**PROVIDED RECORDS**
=-=-=
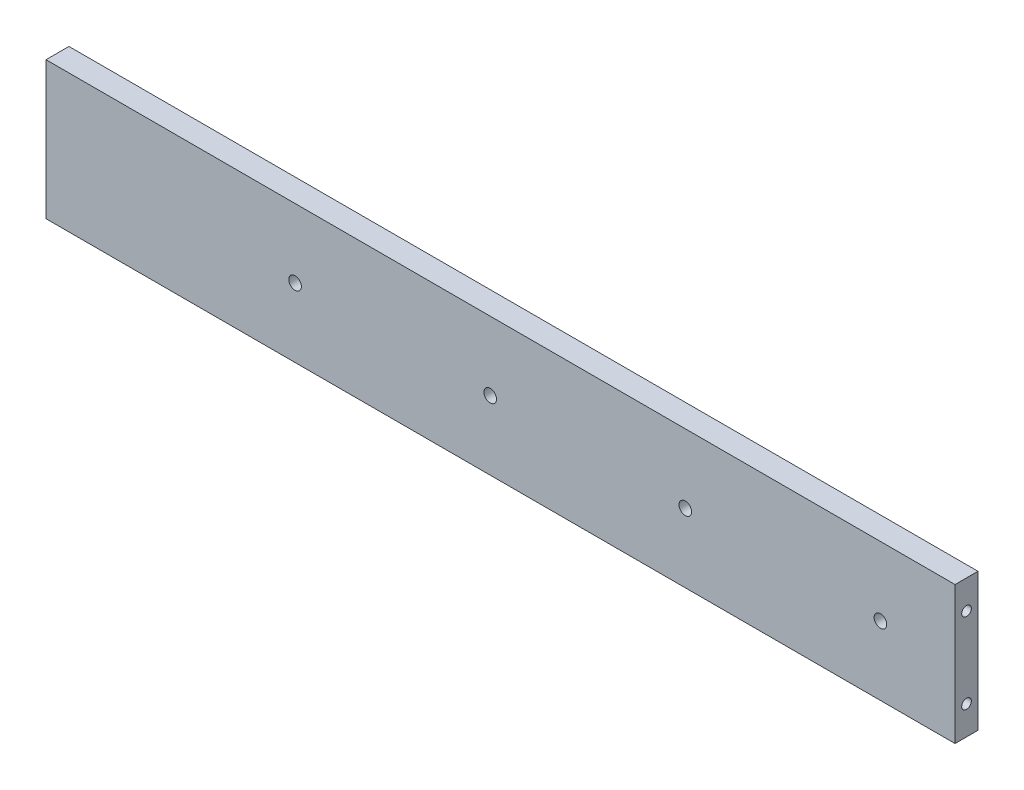
SolidWorks part; units mm, degrees
ref_plane "Front Plane" through (0, 0, 0) normal (0, 0, 1) x (1, 0, 0)
ref_plane "Top Plane" through (0, 0, 0) normal (0, 1, 0) x (1, 0, 0)
ref_plane "Right Plane" through (0, 0, 0) normal (1, 0, 0) x (0, 0, -1)
sketch "Sketch1" plane through (0, 0, 0) normal (0, 0, 1) x (1, 0, 0)
  line L1 (-198, 30) -> (198, 30)
  line L2 (-198, 30) -> (-198, -30)
  line L3 (-198, -30) -> (198, -30)
  line L4 (198, 30) -> (198, -30)
  line L5 (-198, 30) -> (198, -30) construction
  line L6 (-198, -30) -> (198, 30) construction
  point P0 (0, 0)
  dimension "D1" = 396
  dimension "D2" = 60
extrude "Boss-Extrude1" add sketch "Sketch1" along normal blind 10
hole_wizard "Hole size per socket head cap screw type 1" positions "Sketch3" profile "Sketch2" counterbore size "M5" standard "Gb" end condition through all
sketch "Sketch3" plane through (0, 0, 0) normal (0, 0, -1) x (-1, 0, 0)
  point P0 (89.5, 0)
  point P3 (4.5, 0)
  point P6 (-80.5, 0)
  point P9 (-165.5, 0)
sketch "Sketch2" plane through (-89.5, 0, 0) normal (1, 0, 0) x (0, 1, 0)
  line L0 (0, 0) -> (0, 10)
  line L1 (0, 10) -> (2.75, 10)
  line L3 (2.75, 10) -> (2.75, 5.7)
  line L4 (2.75, 5.7) -> (5, 5.7)
  line L5 (5, 5.7) -> (5, 0)
  line L7 (5, 0) -> (0, 0)
  line L11 (0, -6.35) -> (0, 107.95) construction
  dimension "通孔孔直径" = 5.5
  dimension "通孔孔深度" = 10
  dimension "柱形沉头孔直径" = 10
  dimension "柱形沉头孔深度" = 5.7
hole_wizard "M5 Tapped Hole1" positions "Sketch5" profile "Sketch4" tap size "M5" standard "Gb"
sketch "Sketch5" plane through (-198, 0, 0) normal (-1, 0, 0) x (0, 0, 1)
  line L0 (0, 0) -> (23.4439, 0) construction
  line L2 (5, 30) -> (5, 36.7094) construction
  line L3 (10, 30) -> (0, 30) construction
  point P0 (5, 17.5)
  point P2 (5, -17.5)
  dimension "D1" = 35
sketch "Sketch4" plane through (-198, 17.5, 5) normal (0, 1, 0) x (0, 0, 1)
  line L0 (0, 0) -> (0, 13.6618)
  line L1 (0, 13.6618) -> (2.1, 12.4)
  line L2 (2.1, 12.4) -> (2.1, 0)
  line L5 (2.1, 0) -> (0, 0)
  line L10 (0, 13.6618) -> (-2.1, 12.4) construction
  line L11 (0, -6.35) -> (0, 107.95) construction
  dimension "螺纹孔钻头直径" = 4.2
  dimension "螺纹孔钻头深度" = 12.4
  dimension "导头角度" = 118
cosmetic thread "Cosmetic Thread 1" parameters "D1"=10, "D2"=5
cosmetic thread "Cosmetic Thread 2" parameters "D1"=10, "D2"=5
mirror "Mirror1" about plane through (0, 0, 0) normal (1, 0, 0) of "M5 Tapped Hole1"
=-=-=
**TO DO**
Whenever a line in the data above contains the word "thread", include it in the tally, and report only the final number.

**REPLY TO THE TASK**
2